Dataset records
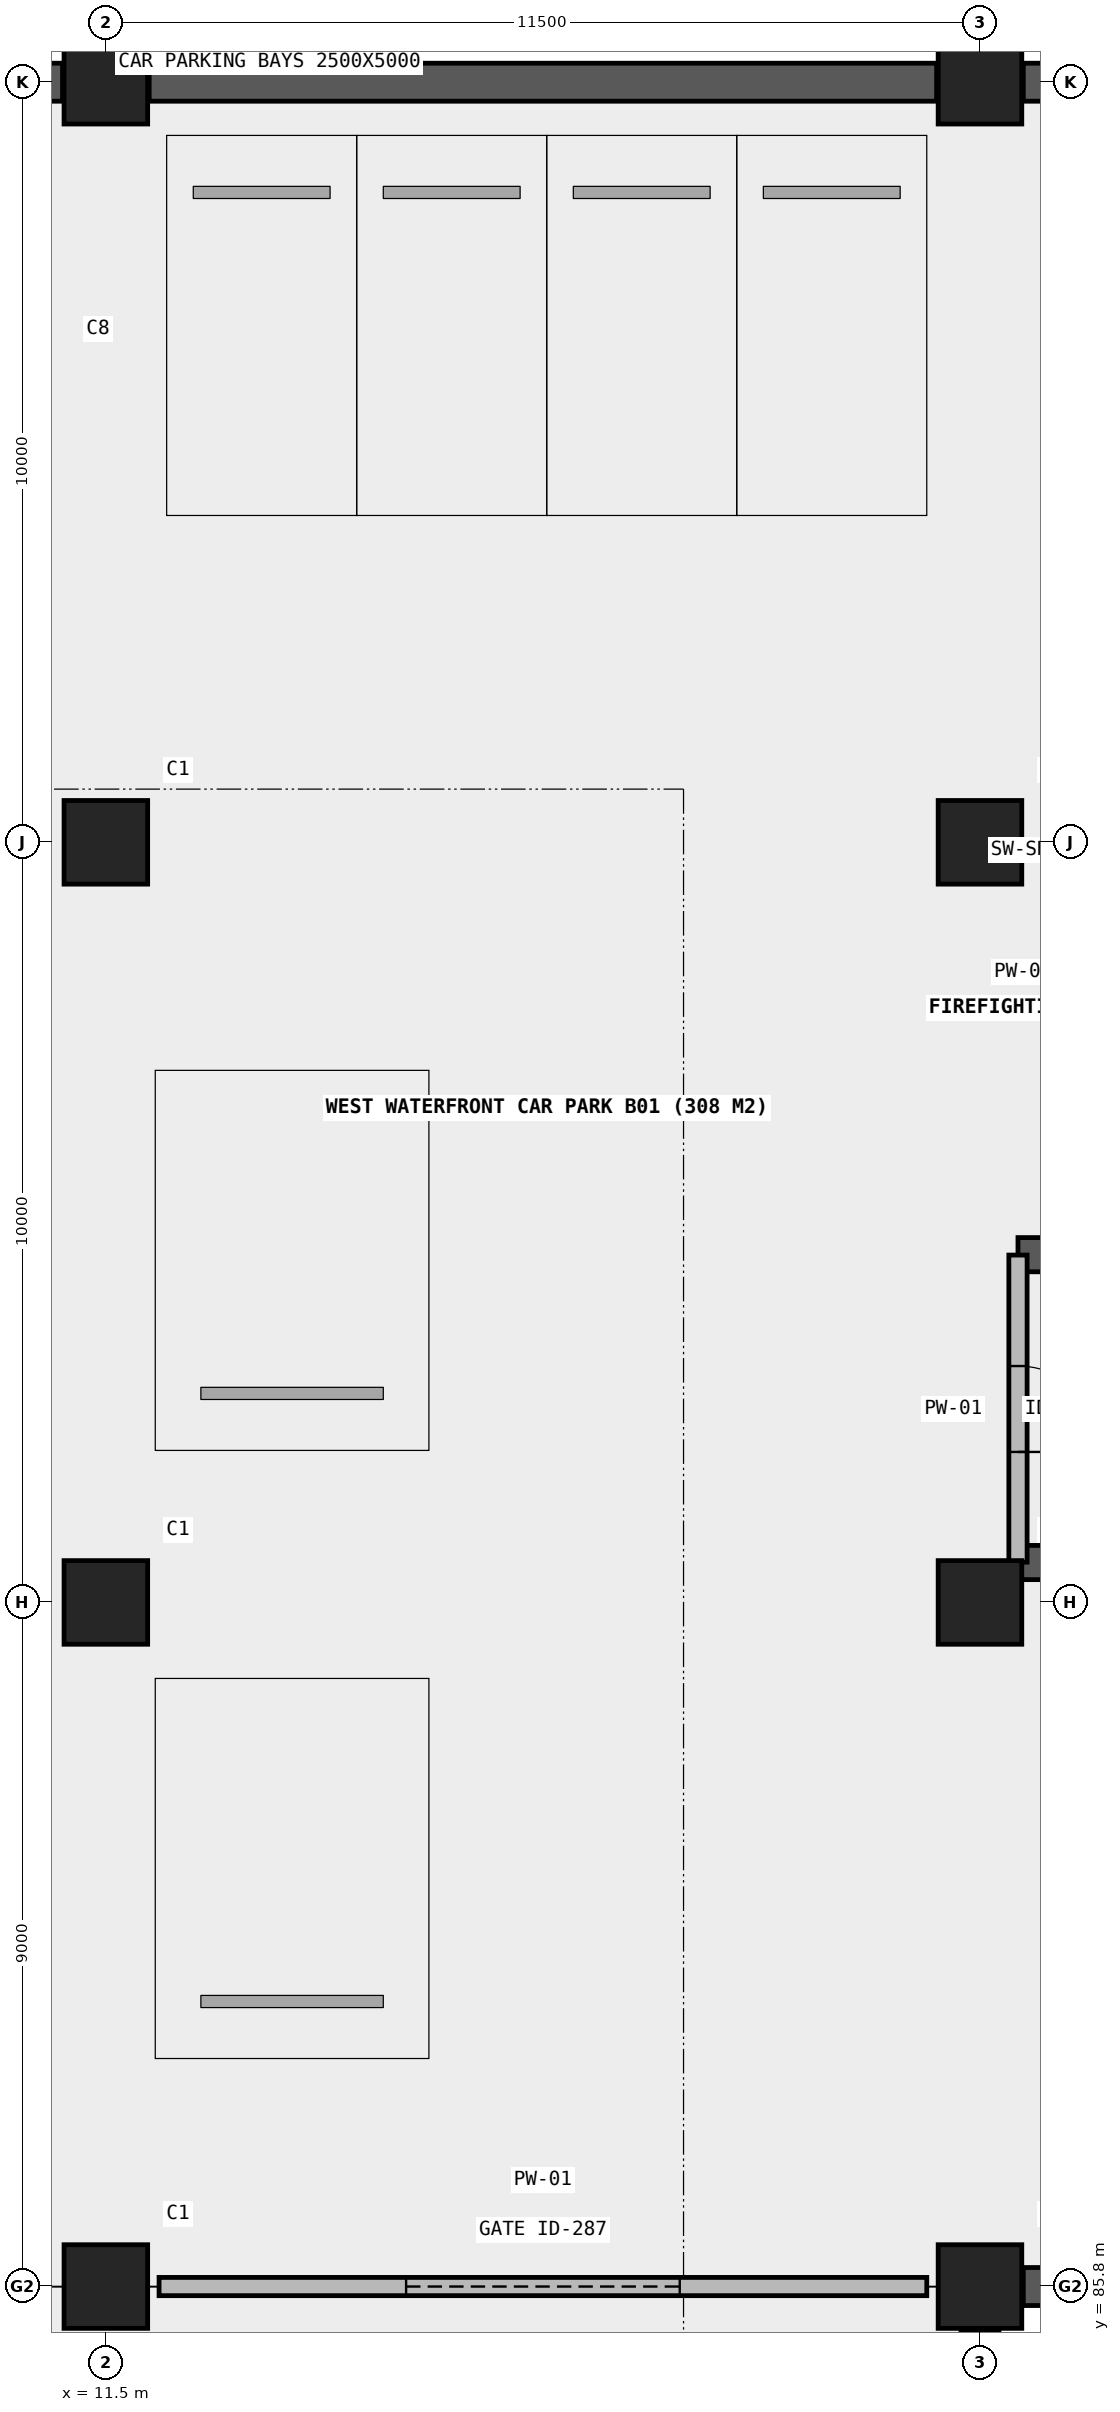
"""IFC4 building model, lengths in metres.
Left out: names, types, materials, properties, quantities, classifications, styles, units other than length and angle.
Written with IfcOpenShell. Run it as: python <this file> out.ifc"""

import sys

from ifc_helpers import new_model, si_unit, direction, frame, frame_2d, origin, origin_2d, place, context, subcontext, project, spatial, rectangle, extrude, element, fill, save


model = new_model("IFC4")
c1 = context("Model", 3, precision=1e-05, world=origin(), true_north=direction((0.0, 1.0)))
c2 = subcontext(c1, "Body", "Model", "MODEL_VIEW")
j1 = project(units=[si_unit("LENGTHUNIT", "METRE"), si_unit("PLANEANGLEUNIT", "RADIAN")], contexts=[c1])
p1 = place(None, origin())
s1 = spatial("IfcSite", under=j1, at=p1, CompositionType="ELEMENT")
p2 = place(p1, origin())
s2 = spatial("IfcBuilding", under=s1, at=p2, CompositionType="ELEMENT")
p3 = place(p2, frame((0.0, 0.0, -4.2)))
s3 = spatial("IfcBuildingStorey", under=s2, at=p3, CompositionType="ELEMENT", Elevation=-4.2)
for number, where, z_axis, x_axis in (
    (1, (11.5, 85.8, 0.0), (0.0, 0.0, 1.0), (1.0, 0.0, 0.0)),
    (2, (11.5, 94.8, 0.0), (0.0, 0.0, 1.0), (1.0, 0.0, 0.0)),
    (3, (11.5, 104.8, 0.0), (0.0, 0.0, 1.0), (1.0, 0.0, 0.0)),
    (4, (11.5, 114.8, 0.0), (0.0, 0.0, 1.0), (1.0, 0.0, 0.0)),
    (5, (23.0, 85.8, 0.0), (0.0, 0.0, 1.0), (1.0, 0.0, 0.0)),
    (6, (23.0, 94.8, 0.0), (0.0, 0.0, 1.0), (1.0, 0.0, 0.0)),
    (7, (23.0, 104.8, 0.0), (0.0, 0.0, 1.0), (1.0, 0.0, 0.0)),
    (8, (23.0, 114.8, 0.0), (0.0, 0.0, 1.0), (1.0, 0.0, 0.0)),
):
    element("IfcColumn", number, at=place(p3, frame(where, z_axis=z_axis, x_axis=x_axis)), inside=s3, PredefinedType="COLUMN", context=c2, shape_type="SweptSolid", body=[
        extrude(rectangle(XDim=1.1, YDim=1.1, at=origin_2d()), origin(), (0.0, 0.0, 1.0), 4.2),
    ])
p4 = place(p3, frame((23.0, 78.395, 0.0), z_axis=(0.0, 0.0, 1.0), x_axis=(0.0, 1.0, 0.0)))
e9 = element("IfcWall", 9, at=p4, inside=s3, PredefinedType="SHEAR", context=c2, shape_type="SweptSolid", body=[
    extrude(rectangle(XDim=6.835, YDim=0.5, at=frame_2d((3.417, 0.0))), origin(), (0.0, 0.0, 1.0), 4.2),
])
for number, where, z_axis, x_axis in (
    (10, (23.57, 85.8, 0.0), (0.0, 0.0, 1.0), (1.0, 0.0, 0.0)),
    (11, (0.57, 114.8, 0.0), (0.0, 0.0, 1.0), (1.0, 0.0, 0.0)),
    (12, (12.07, 114.8, 0.0), (0.0, 0.0, 1.0), (1.0, 0.0, 0.0)),
    (13, (23.57, 114.8, 0.0), (0.0, 0.0, 1.0), (1.0, 0.0, 0.0)),
):
    element("IfcWall", number, at=place(p3, frame(where, z_axis=z_axis, x_axis=x_axis)), inside=s3, PredefinedType="SHEAR", context=c2, shape_type="SweptSolid", body=[
        extrude(rectangle(XDim=10.36, YDim=0.5, at=frame_2d((5.18, 0.0))), origin(), (0.0, 0.0, 1.0), 4.2),
    ])
p5 = place(p3, frame((23.5, 95.325, 0.0), z_axis=(0.0, 0.0, 1.0), x_axis=(1.0, 0.0, 0.0)))
e14 = element("IfcWall", 14, at=p5, inside=s3, PredefinedType="SHEAR", context=c2, shape_type="SweptSolid", body=[
    extrude(rectangle(XDim=9.15, YDim=0.45, at=frame_2d((4.575, 0.0))), origin(), (0.0, 0.0, 1.0), 4.2),
])
p6 = place(p3, frame((23.5, 99.375, 0.0), z_axis=(0.0, 0.0, 1.0), x_axis=(1.0, 0.0, 0.0)))
e15 = element("IfcWall", 15, at=p6, inside=s3, PredefinedType="SHEAR", context=c2, shape_type="SweptSolid", body=[
    extrude(rectangle(XDim=9.15, YDim=0.45, at=frame_2d((4.575, 0.0))), origin(), (0.0, 0.0, 1.0), 4.2),
])
p7 = place(p6, frame((0.55, 0.0, 0.0)))
e16 = element("IfcOpeningElement", 16, at=p7, cuts=e15, PredefinedType="OPENING", context=c2, shape_type="SweptSolid", body=[
    extrude(rectangle(XDim=1.13, YDim=2.15, at=frame_2d((0.565, 1.075))), frame((0.0, 0.235, 0.0), z_axis=(0.0, -1.0, 0.0), x_axis=(1.0, 0.0, 0.0)), (0.0, 0.0, 1.0), 0.47),
])
p8 = place(p3, frame((23.5, 95.33, 0.0), z_axis=(0.0, 0.0, 1.0), x_axis=(0.0, 1.0, 0.0)))
e17 = element("IfcWall", 17, at=p8, inside=s3, PredefinedType="SOLIDWALL", context=c2, shape_type="SweptSolid", body=[
    extrude(rectangle(XDim=4.04, YDim=0.24, at=frame_2d((2.02, 0.0))), origin(), (0.0, 0.0, 1.0), 3.86),
])
p9 = place(p8, frame((1.45, 0.0, 0.0)))
e18 = element("IfcOpeningElement", 18, at=p9, cuts=e17, PredefinedType="OPENING", context=c2, shape_type="SweptSolid", body=[
    extrude(rectangle(XDim=1.13, YDim=2.15, at=frame_2d((0.565, 1.075))), frame((0.0, 0.13, 0.0), z_axis=(0.0, -1.0, 0.0), x_axis=(1.0, 0.0, 0.0)), (0.0, 0.0, 1.0), 0.26),
])
p10 = place(p3, frame((12.2, 85.8, 0.0), z_axis=(0.0, 0.0, 1.0), x_axis=(1.0, 0.0, 0.0)))
e19 = element("IfcWall", 19, at=p10, inside=s3, PredefinedType="SOLIDWALL", context=c2, shape_type="SweptSolid", body=[
    extrude(rectangle(XDim=10.1, YDim=0.24, at=frame_2d((5.05, 0.0))), origin(), (0.0, 0.0, 1.0), 3.08),
])
p11 = place(p10, frame((3.25, 0.0, 0.0)))
e20 = element("IfcOpeningElement", 20, at=p11, cuts=e19, PredefinedType="OPENING", context=c2, shape_type="SweptSolid", body=[
    extrude(rectangle(XDim=3.6, YDim=2.8, at=frame_2d((1.8, 1.4))), frame((0.0, 0.13, 0.0), z_axis=(0.0, -1.0, 0.0), x_axis=(1.0, 0.0, 0.0)), (0.0, 0.0, 1.0), 0.26),
])
p12 = place(p9, frame((0.565, 0.0, 0.0), z_axis=(0.0, 0.0, 1.0), x_axis=(-1.0, 0.0, 0.0)))
e21 = element("IfcDoor", 21, at=p12, inside=s3, OperationType="SINGLE_SWING_LEFT", PredefinedType="DOOR", context=c2, shape_type="SweptSolid", body=[
    extrude(rectangle(XDim=1.13, YDim=2.15, at=frame_2d((0.0, 1.075))), frame((0.0, 0.025, 0.0), z_axis=(0.0, -1.0, 0.0), x_axis=(1.0, 0.0, 0.0)), (0.0, 0.0, 1.0), 0.05),
])
fill(e18, e21)
p13 = place(p11, origin())
e22 = element("IfcDoor", 22, at=p13, inside=s3, OperationType="ROLLINGUP", PredefinedType="GATE", context=c2, shape_type="SweptSolid", body=[
    extrude(rectangle(XDim=3.6, YDim=2.8, at=frame_2d((1.8, 1.4))), frame((0.0, 0.025, 0.0), z_axis=(0.0, -1.0, 0.0), x_axis=(1.0, 0.0, 0.0)), (0.0, 0.0, 1.0), 0.05),
])
fill(e20, e22)
save(model, sys.argv[1])

Exercise goal -> Your answer should be a single number: the count of lines in the records that contain "save".

Result for this task -> 2